→ TASK BRIEF:
In the records below, locate the line containing "#86=CIRCLE('',#85,5.);", then output that line and all later lines exactly, through the last one.
=== AVAILABLE RECORDS ===
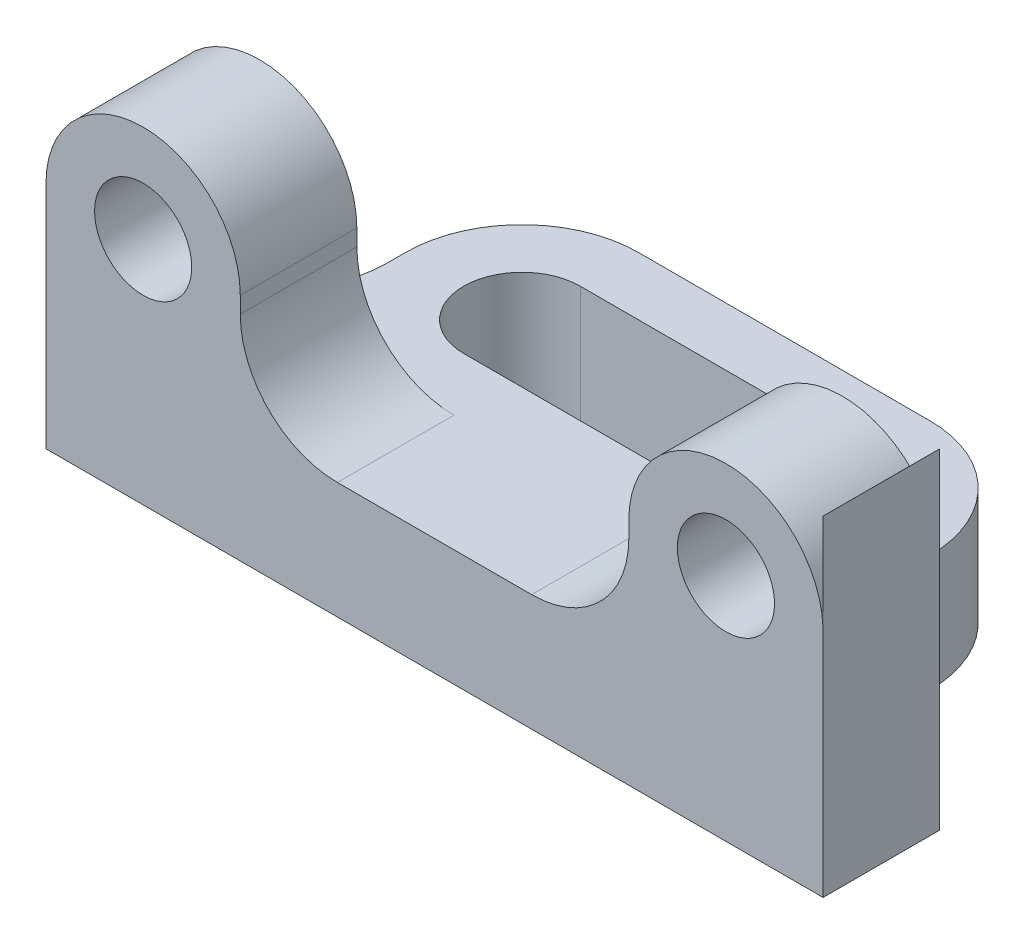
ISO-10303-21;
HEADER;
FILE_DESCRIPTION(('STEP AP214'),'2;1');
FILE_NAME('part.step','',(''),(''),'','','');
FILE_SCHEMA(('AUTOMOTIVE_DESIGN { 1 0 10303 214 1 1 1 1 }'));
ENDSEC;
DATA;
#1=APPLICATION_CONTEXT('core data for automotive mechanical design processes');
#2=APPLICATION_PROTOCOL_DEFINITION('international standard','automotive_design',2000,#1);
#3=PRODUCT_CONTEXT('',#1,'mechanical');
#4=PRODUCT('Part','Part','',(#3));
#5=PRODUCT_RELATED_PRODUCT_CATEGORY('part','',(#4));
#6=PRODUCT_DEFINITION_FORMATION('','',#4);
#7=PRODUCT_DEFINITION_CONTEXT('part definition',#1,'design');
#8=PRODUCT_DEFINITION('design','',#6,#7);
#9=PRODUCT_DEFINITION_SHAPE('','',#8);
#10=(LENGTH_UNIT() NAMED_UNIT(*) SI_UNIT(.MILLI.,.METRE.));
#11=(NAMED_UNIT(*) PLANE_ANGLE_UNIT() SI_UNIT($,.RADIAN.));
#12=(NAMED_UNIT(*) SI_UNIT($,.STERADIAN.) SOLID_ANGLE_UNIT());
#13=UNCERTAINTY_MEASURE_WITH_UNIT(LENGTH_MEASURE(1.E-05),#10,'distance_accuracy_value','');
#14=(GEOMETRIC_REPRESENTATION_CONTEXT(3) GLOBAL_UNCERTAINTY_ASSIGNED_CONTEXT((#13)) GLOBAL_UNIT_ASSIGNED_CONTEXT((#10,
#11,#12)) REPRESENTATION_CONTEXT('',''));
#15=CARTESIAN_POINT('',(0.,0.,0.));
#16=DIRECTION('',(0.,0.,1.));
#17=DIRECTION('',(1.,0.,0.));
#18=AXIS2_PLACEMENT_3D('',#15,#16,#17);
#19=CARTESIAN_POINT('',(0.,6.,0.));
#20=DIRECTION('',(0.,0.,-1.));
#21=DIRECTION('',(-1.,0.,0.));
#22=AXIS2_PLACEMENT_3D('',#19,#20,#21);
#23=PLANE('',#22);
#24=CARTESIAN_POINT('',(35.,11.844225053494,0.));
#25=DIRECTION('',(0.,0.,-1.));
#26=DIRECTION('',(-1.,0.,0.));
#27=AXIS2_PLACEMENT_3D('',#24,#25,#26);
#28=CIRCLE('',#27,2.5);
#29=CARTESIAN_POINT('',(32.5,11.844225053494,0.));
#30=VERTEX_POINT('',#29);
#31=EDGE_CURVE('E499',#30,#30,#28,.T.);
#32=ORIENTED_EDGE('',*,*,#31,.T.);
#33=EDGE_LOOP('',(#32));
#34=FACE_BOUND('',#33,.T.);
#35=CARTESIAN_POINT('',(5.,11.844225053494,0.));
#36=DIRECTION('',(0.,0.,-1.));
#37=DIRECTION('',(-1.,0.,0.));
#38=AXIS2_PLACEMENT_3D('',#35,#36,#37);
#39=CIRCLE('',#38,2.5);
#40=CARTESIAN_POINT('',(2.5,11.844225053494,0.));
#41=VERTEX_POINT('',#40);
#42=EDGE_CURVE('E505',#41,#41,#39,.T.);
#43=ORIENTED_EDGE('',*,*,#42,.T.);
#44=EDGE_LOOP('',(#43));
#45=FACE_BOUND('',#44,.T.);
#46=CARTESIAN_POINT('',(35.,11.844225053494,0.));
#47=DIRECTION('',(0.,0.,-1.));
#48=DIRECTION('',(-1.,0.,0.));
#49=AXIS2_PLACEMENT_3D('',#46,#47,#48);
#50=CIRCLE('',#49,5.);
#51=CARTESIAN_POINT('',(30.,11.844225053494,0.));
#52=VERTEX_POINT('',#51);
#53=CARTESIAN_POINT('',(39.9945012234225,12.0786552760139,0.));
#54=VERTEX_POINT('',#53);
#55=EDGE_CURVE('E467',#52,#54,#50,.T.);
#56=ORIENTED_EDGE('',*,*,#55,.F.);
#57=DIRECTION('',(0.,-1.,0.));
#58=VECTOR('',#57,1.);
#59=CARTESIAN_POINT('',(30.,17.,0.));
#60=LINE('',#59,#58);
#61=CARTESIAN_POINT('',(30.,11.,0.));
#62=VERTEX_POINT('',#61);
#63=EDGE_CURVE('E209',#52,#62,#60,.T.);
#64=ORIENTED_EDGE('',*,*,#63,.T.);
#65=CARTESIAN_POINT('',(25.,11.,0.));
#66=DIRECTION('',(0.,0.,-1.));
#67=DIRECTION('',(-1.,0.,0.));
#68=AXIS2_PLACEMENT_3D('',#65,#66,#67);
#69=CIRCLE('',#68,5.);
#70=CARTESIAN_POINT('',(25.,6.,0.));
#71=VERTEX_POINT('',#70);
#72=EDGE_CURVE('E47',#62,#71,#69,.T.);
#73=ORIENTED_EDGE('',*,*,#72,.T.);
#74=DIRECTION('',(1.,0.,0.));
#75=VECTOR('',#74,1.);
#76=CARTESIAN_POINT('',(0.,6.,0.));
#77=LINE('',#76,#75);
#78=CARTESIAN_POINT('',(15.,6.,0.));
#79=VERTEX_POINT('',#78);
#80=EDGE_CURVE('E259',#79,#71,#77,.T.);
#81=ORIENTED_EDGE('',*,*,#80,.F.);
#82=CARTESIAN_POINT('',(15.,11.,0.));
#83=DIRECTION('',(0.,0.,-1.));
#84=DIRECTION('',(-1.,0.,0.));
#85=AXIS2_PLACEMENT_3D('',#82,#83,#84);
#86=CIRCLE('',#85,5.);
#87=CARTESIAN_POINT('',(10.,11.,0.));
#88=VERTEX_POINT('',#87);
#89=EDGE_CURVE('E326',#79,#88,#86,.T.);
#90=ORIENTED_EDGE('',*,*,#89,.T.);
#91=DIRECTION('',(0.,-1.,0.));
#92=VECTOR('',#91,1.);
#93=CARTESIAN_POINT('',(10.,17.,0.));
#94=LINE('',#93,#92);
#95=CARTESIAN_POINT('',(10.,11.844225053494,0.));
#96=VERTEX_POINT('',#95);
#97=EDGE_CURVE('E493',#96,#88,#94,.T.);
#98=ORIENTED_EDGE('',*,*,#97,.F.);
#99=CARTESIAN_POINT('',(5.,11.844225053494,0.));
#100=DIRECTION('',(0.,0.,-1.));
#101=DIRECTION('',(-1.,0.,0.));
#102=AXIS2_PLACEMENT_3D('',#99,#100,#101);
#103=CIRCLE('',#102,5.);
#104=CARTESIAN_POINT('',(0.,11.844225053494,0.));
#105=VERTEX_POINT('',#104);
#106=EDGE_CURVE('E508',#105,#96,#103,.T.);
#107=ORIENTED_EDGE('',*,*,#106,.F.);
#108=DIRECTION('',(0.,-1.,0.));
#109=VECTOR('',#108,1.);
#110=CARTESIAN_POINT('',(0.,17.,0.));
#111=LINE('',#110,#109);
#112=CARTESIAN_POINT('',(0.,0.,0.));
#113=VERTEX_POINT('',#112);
===
→ OUTPUT BELOW:
#86=CIRCLE('',#85,5.);
#87=CARTESIAN_POINT('',(10.,11.,0.));
#88=VERTEX_POINT('',#87);
#89=EDGE_CURVE('E326',#79,#88,#86,.T.);
#90=ORIENTED_EDGE('',*,*,#89,.T.);
#91=DIRECTION('',(0.,-1.,0.));
#92=VECTOR('',#91,1.);
#93=CARTESIAN_POINT('',(10.,17.,0.));
#94=LINE('',#93,#92);
#95=CARTESIAN_POINT('',(10.,11.844225053494,0.));
#96=VERTEX_POINT('',#95);
#97=EDGE_CURVE('E493',#96,#88,#94,.T.);
#98=ORIENTED_EDGE('',*,*,#97,.F.);
#99=CARTESIAN_POINT('',(5.,11.844225053494,0.));
#100=DIRECTION('',(0.,0.,-1.));
#101=DIRECTION('',(-1.,0.,0.));
#102=AXIS2_PLACEMENT_3D('',#99,#100,#101);
#103=CIRCLE('',#102,5.);
#104=CARTESIAN_POINT('',(0.,11.844225053494,0.));
#105=VERTEX_POINT('',#104);
#106=EDGE_CURVE('E508',#105,#96,#103,.T.);
#107=ORIENTED_EDGE('',*,*,#106,.F.);
#108=DIRECTION('',(0.,-1.,0.));
#109=VECTOR('',#108,1.);
#110=CARTESIAN_POINT('',(0.,17.,0.));
#111=LINE('',#110,#109);
#112=CARTESIAN_POINT('',(0.,0.,0.));
#113=VERTEX_POINT('',#112);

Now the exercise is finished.